**Exercise**
Scan the data for lines with "blocks" and report the count by itself.

**Dataset records**

* * * * * * * * *

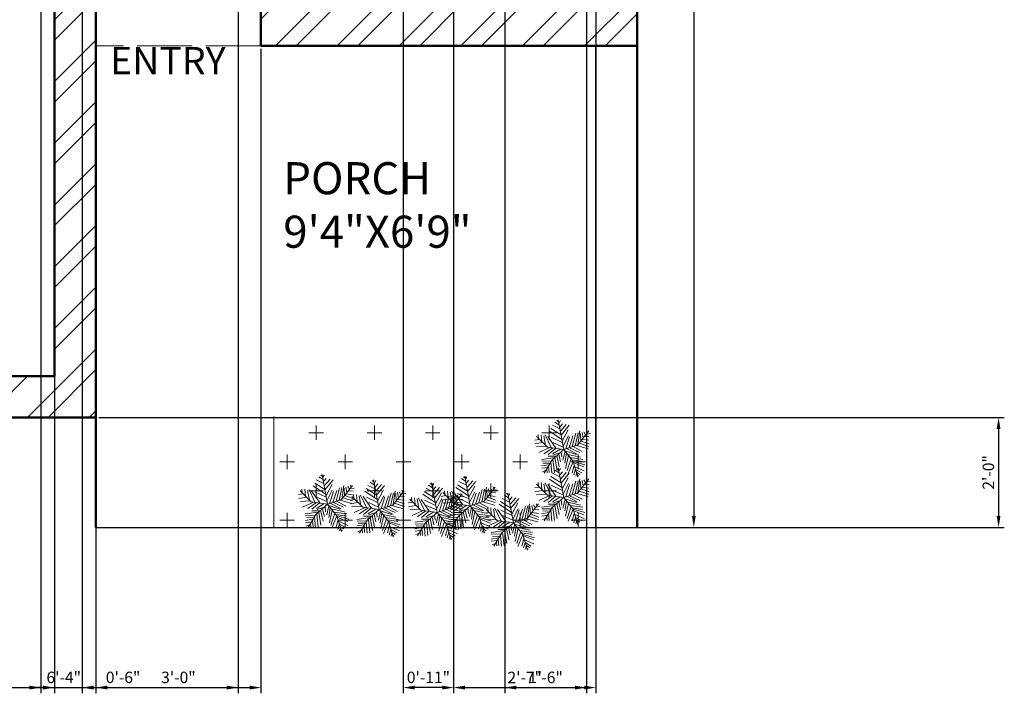
# Model space of a CAD drawing. Units: inches. Extents: x 1147 to 1568, y 1982 to 2559.
# Tile 2 of 4: x 1353 to 1568, y 1982 to 2128. Entities that reach past the tile are written whole.
import ezdxf

# ---------------------------------------------------------------- set-up
doc = ezdxf.new("R2010")
doc.units = ezdxf.units.IN
doc.linetypes.add('ACAD_ISO02W100', pattern=[15, 12, -3])
for name, color, linetype, lineweight in [('A-ANNO-DIMS', 2, 'Continuous', 18), ('A-FLOR', 7, 'Continuous', 25), ('A-WALL', 7, 'Continuous', 50), ('A-WALL-PATT', 252, 'Continuous', 13), ('L-PLNT', 3, 'Continuous', 18)]:
    doc.layers.add(name, color=color, linetype=linetype, lineweight=lineweight)
for name, color, linetype, lineweight, true_color in [('A-ANNO-TEXT', 244, 'Continuous', 18, 0x991b1e), ('A-AREA-IDEN', 244, 'Continuous', 25, 0x991b1e), ('A-WALL-OVHD', 244, 'ACAD_ISO02W100', 18, 0x991b1e), ('L-PLNT-PATT', 116, 'Continuous', 13, 0x136734)]:
    doc.layers.add(name, color=color, linetype=linetype, lineweight=lineweight, true_color=true_color)
doc.styles.get("Standard").update_dxf_attribs({"font": 'arial.ttf'})
doc.dimstyles.new('ISO-25', dxfattribs={"dimtxt": 2.5, "dimasz": 2.5, "dimexe": 1.25, "dimexo": 0.625, "dimtad": 1, "dimlunit": 3, "dimtxsty": 'Standard', "dimcen": 2.5, "dimadec": 0, "dimazin": 0, "dimtfac": 1, "dimtmove": 0, "dimatfit": 3, "dimfxl": 1, "dimarcsym": 0})

# ---------------------------------------------------------------- blocks, each defined once
blk = doc.blocks.new('*U8')
for p, q in [((0, 0), (-10.5, 57)), ((-5.114, 28.097), (-24.676, 40.636)), ((-7.288, 39.707), (-21.778, 46.673)), ((-8.737, 47.138), (-17.069, 52.711)), ((-10.186, 53.64), (-13.084, 55.962)), ((-9.099, 51.782), (-6.563, 55.962)), ((-7.65, 43.423), (-2.578, 49.46)), ((-5.839, 35.992), (4.667, 48.067)), ((-5.114, 27.632), (10.463, 46.673)), ((-2.941, 16.486), (8.652, 37.85)), ((-47.498, 19.737), (-55.83, 18.344)), ((-31.5, 4.5), (-52.5, 25.5)), ((-48.585, 21.131), (-49.309, 29.026)), ((-43.513, 28.561), (-42.427, 15.558)), ((-38.442, 26.239), (-34.819, 7.663)), ((-35.544, 28.097), (-24.314, 3.947)), ((-14.533, 2.09), (-30.834, 25.31)), ((-3.665, 19.273), (-27.574, 35.527)), ((-24.314, 23.917), (-2.941, 13.7)), ((-1.129, 6.734), (9.014, 26.704)), ((3.942, 1.625), (11.187, 24.381)), ((10.101, 3.483), (17.708, 26.239)), ((16.259, 5.805), (23.142, 31.348)), ((22.055, 7.198), (27.489, 32.277)), ((27, 9), (48, 36)), ((27.127, 9.056), (31.112, 35.992)), ((31.836, 30.883), (32.561, 16.486)), ((35.096, 32.741), (37.27, 22.524)), ((36.183, 19.737), (48.137, 17.88)), ((38.719, 34.134), (41.979, 28.561)), ((40.53, 25.775), (48.862, 24.846)), ((43.791, 29.954), (51.036, 30.883)), ((44.153, 36.456), (45.239, 32.741)), ((-40.615, 13.7), (-55.105, 10.913)), ((-33.37, 6.269), (-52.207, 5.34)), ((-28.299, 3.483), (-47.86, -5.805)), ((-21.416, 3.018), (-38.079, -8.128)), ((0, 0), (-31.5, 4.5)), ((-15.982, 2.09), (-30.11, -9.521)), ((0, 0), (-22.5, -19.5)), ((-6.563, 1.161), (-21.416, -8.128)), ((-20.691, 13.7), (-1.129, 4.876)), ((0, 0), (27, 9)), ((0, 0), (18, -22.5)), ((6.478, 1.625), (26.04, -8.592)), ((11.187, 3.483), (30.749, -5.805)), ((18.07, 5.805), (35.096, -3.483)), ((24.229, 7.663), (46.688, 1.625)), ((29.662, 12.307), (48.137, 6.269)), ((33.285, 16.486), (48.862, 10.913)), ((-17.431, -15.094), (-42.789, -18.809)), ((-15.257, -12.772), (-30.11, -12.772)), ((-20.691, -18.345), (-17.793, -44.352)), ((-6.563, -5.805), (-19.967, -9.985)), ((-17.069, -15.094), (-12.721, -40.172)), ((-13.446, -11.378), (-8.737, -32.741)), ((-9.461, -8.592), (-6.201, -23.453)), ((-4.752, -3.483), (-3.665, -14.629)), ((2.493, -3.019), (-1.491, -20.202)), ((1.769, -2.555), (24.229, -9.521)), ((5.029, -6.27), (2.131, -25.775)), ((9.014, -11.378), (3.58, -35.992)), ((14.085, -16.951), (6.478, -40.172)), ((7.565, -9.056), (32.198, -14.629)), ((12.274, -15.094), (36.907, -18.809)), ((-28.299, -29.026), (-42.789, -31.348)), ((-24.314, -21.596), (-42.427, -22.06)), ((-30.834, -34.135), (-42.427, -35.528)), ((-26.849, -26.24), (-40.253, -25.775)), ((-22.5, -19.5), (-37.5, -45)), ((-32.646, -36.921), (-31.921, -44.352)), ((-29.023, -30.884), (-27.936, -43.887)), ((-25.038, -23.918), (-22.865, -45.281)), ((18.07, -22.524), (8.289, -45.745)), ((20.244, -30.419), (15.897, -44.816)), ((16.259, -19.738), (36.183, -22.989)), ((18, -22.5), (27, -52.5)), ((18.433, -22.524), (40.53, -29.026)), ((19.157, -25.311), (38.719, -33.206)), ((21.331, -32.741), (39.081, -40.636)), ((-34.457, -39.708), (-40.978, -42.494)), ((22.78, -37.85), (19.519, -48.532)), ((22.78, -38.314), (34.372, -44.816)), ((24.591, -45.745), (23.142, -50.854)), ((24.591, -43.423), (30.749, -47.603)), ((26.764, -49.925), (28.213, -50.854))]:
    blk.add_line(p, q)
blk = doc.blocks.new('*D13')
at = {"layer": 'A-ANNO-DIMS', "color": 0, "lineweight": -2, "transparency": 16777216}
for p, q in [((1488.23, 2527.7), (1501.22, 2527.7)), ((1499.97, 2525.2), (1499.97, 2020.2)), ((1488.23, 2017.7), (1501.22, 2017.7))]:
    blk.add_line(p, q, dxfattribs=at)
at = {"layer": 'A-ANNO-DIMS', "color": 0, "transparency": 16777216}
for points in [[(1499.56, 2525.2), (1500.39, 2525.2), (1499.97, 2527.7)], [(1499.56, 2020.2), (1500.39, 2020.2), (1499.97, 2017.7)]]:
    blk.add_solid(points, dxfattribs=at)
at = {"layer": 'Defpoints', "color": 0, "transparency": 16777216}
for p in [(1487.61, 2527.7), (1487.61, 2017.7), (1499.97, 2017.7)]:
    blk.add_point(p, dxfattribs=at)
at = {"layer": 'A-ANNO-DIMS', "color": 0, "transparency": 16777216, "insert": (1498.07, 2272.7), "char_height": 2.5, "attachment_point": 5, "rotation": 90}
blk.add_mtext('42\'-6"', dxfattribs=at)
blk = doc.blocks.new('*D43')
at = {"layer": 'A-ANNO-DIMS', "color": 0, "lineweight": -2, "transparency": 16777216}
for p, q in [((1327.61, 2368.08), (1327.61, 1981.52)), ((1357.61, 2368.08), (1357.61, 1981.52)), ((1330.11, 1982.77), (1355.11, 1982.77))]:
    blk.add_line(p, q, dxfattribs=at)
at = {"layer": 'A-ANNO-DIMS', "color": 0, "transparency": 16777216}
for points in [[(1330.11, 1983.19), (1330.11, 1982.35), (1327.61, 1982.77)], [(1355.11, 1983.19), (1355.11, 1982.35), (1357.61, 1982.77)]]:
    blk.add_solid(points, dxfattribs=at)
at = {"layer": 'Defpoints', "color": 0, "transparency": 16777216}
for p in [(1327.61, 2368.7), (1357.61, 2368.7), (1357.61, 1982.77)]:
    blk.add_point(p, dxfattribs=at)
at = {"layer": 'A-ANNO-DIMS', "color": 0, "transparency": 16777216, "insert": (1342.61, 1984.67), "char_height": 2.5, "attachment_point": 5}
blk.add_mtext('2\'-6"', dxfattribs=at)
blk = doc.blocks.new('*D46')
at = {"layer": 'A-ANNO-DIMS', "color": 0, "lineweight": -2, "transparency": 16777216}
for p, q in [((1369.61, 2122.08), (1369.61, 1981.52)), ((1405.61, 2122.08), (1405.61, 1981.52)), ((1372.11, 1982.77), (1403.11, 1982.77))]:
    blk.add_line(p, q, dxfattribs=at)
at = {"layer": 'A-ANNO-DIMS', "color": 0, "transparency": 16777216}
for points in [[(1372.11, 1983.19), (1372.11, 1982.35), (1369.61, 1982.77)], [(1403.11, 1983.19), (1403.11, 1982.35), (1405.61, 1982.77)]]:
    blk.add_solid(points, dxfattribs=at)
at = {"layer": 'Defpoints', "color": 0, "transparency": 16777216}
for p in [(1369.61, 2122.7), (1405.61, 2122.7), (1405.61, 1982.77)]:
    blk.add_point(p, dxfattribs=at)
at = {"layer": 'A-ANNO-DIMS', "color": 0, "transparency": 16777216, "insert": (1387.61, 1984.67), "char_height": 2.5, "attachment_point": 5}
blk.add_mtext('3\'-0"', dxfattribs=at)
blk = doc.blocks.new('*D47')
at = {"layer": 'A-ANNO-DIMS', "color": 0, "lineweight": -2, "transparency": 16777216}
for p, q in [((1436.61, 2166.08), (1436.61, 1981.52)), ((1447.61, 2166.08), (1447.61, 1981.52)), ((1445.11, 1982.77), (1439.11, 1982.77))]:
    blk.add_line(p, q, dxfattribs=at)
at = {"layer": 'A-ANNO-DIMS', "color": 0, "transparency": 16777216}
for points in [[(1439.11, 1983.19), (1439.11, 1982.35), (1436.61, 1982.77)], [(1445.11, 1983.19), (1445.11, 1982.35), (1447.61, 1982.77)]]:
    blk.add_solid(points, dxfattribs=at)
at = {"layer": 'Defpoints', "color": 0, "transparency": 16777216}
for p in [(1436.61, 2166.7), (1447.61, 2166.7), (1436.61, 1982.77)]:
    blk.add_point(p, dxfattribs=at)
at = {"layer": 'A-ANNO-DIMS', "color": 0, "transparency": 16777216, "insert": (1442.11, 1984.67), "char_height": 2.5, "attachment_point": 5}
blk.add_mtext('0\'-11"', dxfattribs=at)
blk = doc.blocks.new('*D49')
at = {"layer": 'A-ANNO-DIMS', "color": 0, "lineweight": -2, "transparency": 16777216}
for p, q in [((1447.61, 2131.08), (1447.61, 1981.52)), ((1478.61, 2131.08), (1478.61, 1981.52)), ((1450.11, 1982.77), (1476.11, 1982.77))]:
    blk.add_line(p, q, dxfattribs=at)
at = {"layer": 'A-ANNO-DIMS', "color": 0, "transparency": 16777216}
for points in [[(1450.11, 1983.19), (1450.11, 1982.35), (1447.61, 1982.77)], [(1476.11, 1983.19), (1476.11, 1982.35), (1478.61, 1982.77)]]:
    blk.add_solid(points, dxfattribs=at)
at = {"layer": 'Defpoints', "color": 0, "transparency": 16777216}
for p in [(1447.61, 2131.7), (1478.61, 2131.7), (1478.61, 1982.77)]:
    blk.add_point(p, dxfattribs=at)
at = {"layer": 'A-ANNO-DIMS', "color": 0, "transparency": 16777216, "insert": (1463.11, 1984.65), "char_height": 2.5, "attachment_point": 5}
blk.add_mtext('2\'-7"', dxfattribs=at)
blk = doc.blocks.new('*D51')
at = {"layer": 'A-ANNO-DIMS', "color": 0, "lineweight": -2, "transparency": 16777216}
for p, q in [((1360.61, 2518.08), (1360.61, 1981.52)), ((1366.61, 2518.08), (1366.61, 1981.52)), ((1358.11, 1982.77), (1355.61, 1982.77)), ((1360.61, 1982.77), (1366.61, 1982.77)), ((1369.11, 1982.77), (1379.5, 1982.77))]:
    blk.add_line(p, q, dxfattribs=at)
at = {"layer": 'A-ANNO-DIMS', "color": 0, "transparency": 16777216}
for points in [[(1358.11, 1983.19), (1358.11, 1982.35), (1360.61, 1982.77)], [(1369.11, 1983.19), (1369.11, 1982.35), (1366.61, 1982.77)]]:
    blk.add_solid(points, dxfattribs=at)
at = {"layer": 'Defpoints', "color": 0, "transparency": 16777216}
for p in [(1360.61, 2518.7), (1366.61, 2518.7), (1366.61, 1982.77)]:
    blk.add_point(p, dxfattribs=at)
at = {"layer": 'A-ANNO-DIMS', "color": 0, "transparency": 16777216, "insert": (1375.55, 1984.67), "char_height": 2.5, "attachment_point": 5}
blk.add_mtext('0\'-6"', dxfattribs=at)
blk = doc.blocks.new('*D56')
at = {"layer": 'A-ANNO-DIMS', "color": 0, "lineweight": -2, "transparency": 16777216}
for p, q in [((1370.23, 2041.7), (1567.66, 2041.7)), ((1566.41, 2039.2), (1566.41, 2020.2)), ((1370.23, 2017.7), (1567.66, 2017.7))]:
    blk.add_line(p, q, dxfattribs=at)
at = {"layer": 'A-ANNO-DIMS', "color": 0, "transparency": 16777216}
for points in [[(1565.99, 2039.2), (1566.82, 2039.2), (1566.41, 2041.7)], [(1565.99, 2020.2), (1566.82, 2020.2), (1566.41, 2017.7)]]:
    blk.add_solid(points, dxfattribs=at)
at = {"layer": 'Defpoints', "color": 0, "transparency": 16777216}
for p in [(1369.61, 2041.7), (1369.61, 2017.7), (1566.41, 2017.7)]:
    blk.add_point(p, dxfattribs=at)
at = {"layer": 'A-ANNO-DIMS', "color": 0, "transparency": 16777216, "insert": (1564.51, 2029.7), "char_height": 2.5, "attachment_point": 5, "rotation": 90}
blk.add_mtext('2\'-0"', dxfattribs=at)
blk = doc.blocks.new('*D62')
at = {"layer": 'A-ANNO-DIMS', "color": 0, "lineweight": -2, "transparency": 16777216}
for p, q in [((1324.61, 2335.08), (1324.61, 1981.52)), ((1400.61, 2335.08), (1400.61, 1981.52)), ((1327.11, 1982.77), (1398.11, 1982.77))]:
    blk.add_line(p, q, dxfattribs=at)
at = {"layer": 'A-ANNO-DIMS', "color": 0, "transparency": 16777216}
for points in [[(1327.11, 1983.19), (1327.11, 1982.35), (1324.61, 1982.77)], [(1398.11, 1983.19), (1398.11, 1982.35), (1400.61, 1982.77)]]:
    blk.add_solid(points, dxfattribs=at)
at = {"layer": 'Defpoints', "color": 0, "transparency": 16777216}
for p in [(1324.61, 2335.7), (1400.61, 2335.7), (1400.61, 1982.77)]:
    blk.add_point(p, dxfattribs=at)
at = {"layer": 'A-ANNO-DIMS', "color": 0, "transparency": 16777216, "insert": (1362.61, 1984.67), "char_height": 2.5, "attachment_point": 5}
blk.add_mtext('6\'-4"', dxfattribs=at)
blk = doc.blocks.new('*D65')
at = {"layer": 'A-ANNO-DIMS', "color": 0, "lineweight": -2, "transparency": 16777216}
for p, q in [((1458.78, 2235.1), (1458.78, 1981.52)), ((1476.55, 2235.16), (1476.55, 1981.52)), ((1461.28, 1982.77), (1474.05, 1982.77))]:
    blk.add_line(p, q, dxfattribs=at)
at = {"layer": 'A-ANNO-DIMS', "color": 0, "transparency": 16777216}
for points in [[(1461.28, 1983.19), (1461.28, 1982.35), (1458.78, 1982.77)], [(1474.05, 1983.19), (1474.05, 1982.35), (1476.55, 1982.77)]]:
    blk.add_solid(points, dxfattribs=at)
at = {"layer": 'Defpoints', "color": 0, "transparency": 16777216}
for p in [(1458.78, 2235.73), (1476.55, 2235.78), (1476.55, 1982.77)]:
    blk.add_point(p, dxfattribs=at)
at = {"layer": 'A-ANNO-DIMS', "color": 0, "transparency": 16777216, "insert": (1467.66, 1984.67), "char_height": 2.5, "attachment_point": 5}
blk.add_mtext('1\'-6"', dxfattribs=at)

msp = doc.modelspace()

# ---------------------------------------------------------------- hatches: boundary and pattern name
at = {"layer": 'A-WALL-PATT'}
h = msp.add_hatch(dxfattribs=at)
h.set_pattern_fill('ANSI32', color=256)
h.paths.add_polyline_path([(1240.607, 2518.704), (1268.63, 2518.704), (1268.63, 2527.704), (1231.607, 2527.704), (1231.607, 2348.295), (1240.607, 2348.295), (1240.607, 2368.704), (1318.607, 2368.704), (1318.607, 2365.704), (1324.607, 2365.704), (1324.607, 2368.704), (1327.607, 2368.704), (1327.607, 2374.704), (1240.607, 2374.704)])
h.paths.add_polyline_path([(1324.607, 2335.704), (1318.607, 2335.704), (1318.607, 2314.704), (1240.607, 2314.704), (1240.607, 2324.295), (1231.607, 2324.295), (1231.607, 2247.419), (1240.607, 2247.419), (1240.607, 2308.704), (1324.607, 2308.704)])
h.paths.add_polyline_path([(1487.607, 2527.704), (1464.679, 2527.704), (1464.679, 2518.704), (1478.607, 2518.704), (1478.607, 2374.704), (1399.607, 2374.704), (1399.607, 2368.704), (1400.607, 2368.704), (1400.607, 2365.704), (1406.607, 2365.704), (1406.607, 2368.704), (1478.607, 2368.704), (1478.607, 2343.549), (1487.607, 2343.549)])
h.paths.add_polyline_path([(1366.607, 2518.704), (1398.679, 2518.704), (1398.679, 2527.704), (1334.63, 2527.704), (1334.63, 2518.704), (1360.607, 2518.704), (1360.607, 2374.704), (1357.607, 2374.704), (1357.607, 2368.704), (1369.607, 2368.704), (1369.607, 2374.704), (1366.607, 2374.704)])
h.paths.add_polyline_path([(1487.607, 2319.549), (1478.607, 2319.549), (1478.607, 2314.704), (1406.607, 2314.704), (1406.607, 2335.704), (1400.607, 2335.704), (1400.607, 2308.704), (1406.607, 2308.704), (1406.607, 2284.704), (1412.607, 2284.704), (1412.607, 2308.704), (1478.607, 2308.704), (1478.607, 2295.917), (1487.607, 2295.917)])
h.paths.add_polyline_path([(1487.607, 2235.917), (1478.607, 2235.917), (1478.607, 2212.704), (1400.607, 2212.704), (1400.607, 2206.704), (1478.607, 2206.704), (1478.607, 2131.704), (1405.607, 2131.704), (1405.607, 2122.704), (1487.607, 2122.704)])
h.paths.add_polyline_path([(1369.607, 2122.704), (1369.607, 2131.704), (1366.607, 2131.704), (1366.607, 2176.704), (1357.607, 2176.704), (1357.607, 2170.704), (1360.607, 2170.704), (1360.607, 2050.704), (1334.63, 2050.704), (1334.63, 2041.704), (1369.607, 2041.704)])
h.paths.add_polyline_path([(1240.607, 2170.704), (1321.607, 2170.704), (1321.607, 2176.704), (1240.607, 2176.704), (1240.607, 2187.419), (1231.607, 2187.419), (1231.607, 2041.704), (1268.63, 2041.704), (1268.63, 2050.704), (1240.607, 2050.704)])
at = {"layer": 'L-PLNT-PATT'}
h = msp.add_hatch(dxfattribs=at)
h.set_pattern_fill('CROSS', color=256)
h.paths.add_polyline_path([(1478.607, 2041.704), (1408.398, 2041.704), (1408.398, 2017.704), (1478.607, 2017.704)])
h.paths.add_polyline_path([(1431.023, 2023.435), (1431.134, 2023.64), (1430.963, 2023.756)], flags=16)
h.paths.add_polyline_path([(1436.583, 2025.011), (1436.507, 2025.271), (1436.274, 2024.971)], flags=16)
h.paths.add_polyline_path([(1431.899, 2020.624), (1432.179, 2020.56), (1431.935, 2020.865)], flags=16)
h.paths.add_polyline_path([(1430.596, 2020.912), (1430.247, 2020.803), (1430.282, 2020.641)], flags=16)
h.paths.add_polyline_path([(1420.698, 2022.051), (1420.662, 2021.809), (1420.942, 2021.746)], flags=16)
h.paths.add_polyline_path([(1417.744, 2020.991), (1417.773, 2020.724), (1418.15, 2021.051)], flags=16)
h.paths.add_polyline_path([(1418.479, 2023), (1418.417, 2023.087), (1418.336, 2023.02)], flags=16)
h.paths.add_polyline_path([(1419.056, 2028.579), (1419.14, 2028.718), (1419.011, 2028.821)], flags=16)
h.paths.add_polyline_path([(1425.346, 2026.196), (1425.27, 2026.457), (1425.036, 2026.157)], flags=16)
h.paths.add_polyline_path([(1429.716, 2021.814), (1429.655, 2021.901), (1429.573, 2021.834)], flags=16)
h.paths.add_polyline_path([(1434.409, 2022.369), (1434.444, 2022.605), (1434.037, 2022.469)], flags=16)
h.paths.add_polyline_path([(1442.357, 2021.181), (1442.296, 2021.269), (1442.214, 2021.202)], flags=16)
h.paths.add_polyline_path([(1438.485, 2023.401), (1440.229, 2021.658), (1440.085, 2021.651), (1440.049, 2021.838), (1439.387, 2022.5), (1439.21, 2022.465), (1439.191, 2022.696), (1438.688, 2023.199), (1438.507, 2023.168)], flags=16)
h.paths.add_polyline_path([(1442.935, 2026.761), (1443.019, 2026.9), (1442.89, 2027.003)], flags=16)
h.paths.add_polyline_path([(1450.159, 2028.21), (1450.243, 2028.349), (1450.115, 2028.452)], flags=16)
h.paths.add_polyline_path([(1448.683, 2024.04), (1448.921, 2023.932), (1448.783, 2024.169)], flags=16)
h.paths.add_polyline_path([(1456.449, 2025.827), (1456.373, 2026.088), (1456.139, 2025.788)], flags=16)
h.paths.add_polyline_path([(1454.275, 2023.186), (1454.31, 2023.421), (1453.903, 2023.286)], flags=16)
h.paths.add_polyline_path([(1459.569, 2024.548), (1459.653, 2024.686), (1459.525, 2024.789)], flags=16)
h.paths.add_polyline_path([(1465.859, 2022.165), (1465.783, 2022.425), (1465.55, 2022.125)], flags=16)
h.paths.add_polyline_path([(1463.685, 2019.523), (1463.72, 2019.759), (1463.313, 2019.623)], flags=16)
h.paths.add_polyline_path([(1451.801, 2021.682), (1451.765, 2021.44), (1452.045, 2021.377)], flags=16)
h.paths.add_polyline_path([(1444.577, 2020.232), (1444.541, 2019.991), (1444.82, 2019.928)], flags=16)
h.paths.add_polyline_path([(1442.888, 2020.171), (1442.924, 2020.008), (1443.237, 2020.279)], flags=16)
h.paths.add_polyline_path([(1446.917, 2023.643), (1447.068, 2024.34), (1447.273, 2023.287), (1447.279, 2023.281), (1447.517, 2024.892), (1448.326, 2023.153), (1449.324, 2022.998), (1449.582, 2022.631), (1451.23, 2022.395), (1450.697, 2021.933), (1450.71, 2021.806), (1450.461, 2021.729), (1449.71, 2021.077), (1449.739, 2020.945), (1449.557, 2020.945), (1449.288, 2020.711), (1449.292, 2020.687), (1446.4, 2020.264), (1444.67, 2021.167), (1444.441, 2021.091), (1445.269, 2023.69), (1446.435, 2023.915), (1446.415, 2024.145), (1445.912, 2024.648), (1445.731, 2024.618), (1445.71, 2024.851)], flags=16)
h.paths.add_polyline_path([(1427.587, 2022.291), (1427.444, 2022.284), (1427.407, 2022.47), (1426.746, 2023.132), (1425.579, 2022.908), (1422.8, 2023.655), (1420.562, 2022.909), (1420.616, 2023.078), (1420.792, 2022.986), (1421.269, 2023.145), (1421.291, 2023.21), (1421.363, 2023.176), (1421.96, 2023.375), (1421.999, 2023.521), (1422.15, 2023.438), (1422.635, 2023.6), (1422.655, 2023.694), (1422.8, 2023.655), (1423.206, 2023.791), (1423.272, 2024.234), (1425.026, 2023.661), (1425.865, 2023.801), (1425.844, 2024.034)], flags=16)
h.paths.add_polyline_path([(1447.687, 2023.119), (1447.701, 2022.847), (1449.798, 2022.097), (1448.569, 2021.328), (1447.23, 2021.688), (1446.635, 2021.29), (1445.808, 2021.741), (1445.9, 2021.785), (1446.24, 2023.047)], flags=0)
h.paths.add_polyline_path([(1449.837, 2024.457), (1449.225, 2024.378), (1449.099, 2024.81)], flags=16)
h.paths.add_polyline_path([(1416.35, 2023.476), (1416.207, 2023.469), (1416.17, 2023.656), (1415.508, 2024.318), (1415.331, 2024.284), (1415.312, 2024.514), (1414.809, 2025.017), (1414.628, 2024.987), (1414.606, 2025.22)], flags=16)
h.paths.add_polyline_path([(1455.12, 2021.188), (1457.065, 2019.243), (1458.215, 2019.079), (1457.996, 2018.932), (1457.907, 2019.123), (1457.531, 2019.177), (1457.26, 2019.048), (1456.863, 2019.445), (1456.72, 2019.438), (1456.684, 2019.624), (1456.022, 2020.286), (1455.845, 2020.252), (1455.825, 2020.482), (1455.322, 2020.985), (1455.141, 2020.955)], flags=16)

* * * * * * * * *

**Result for this task**
11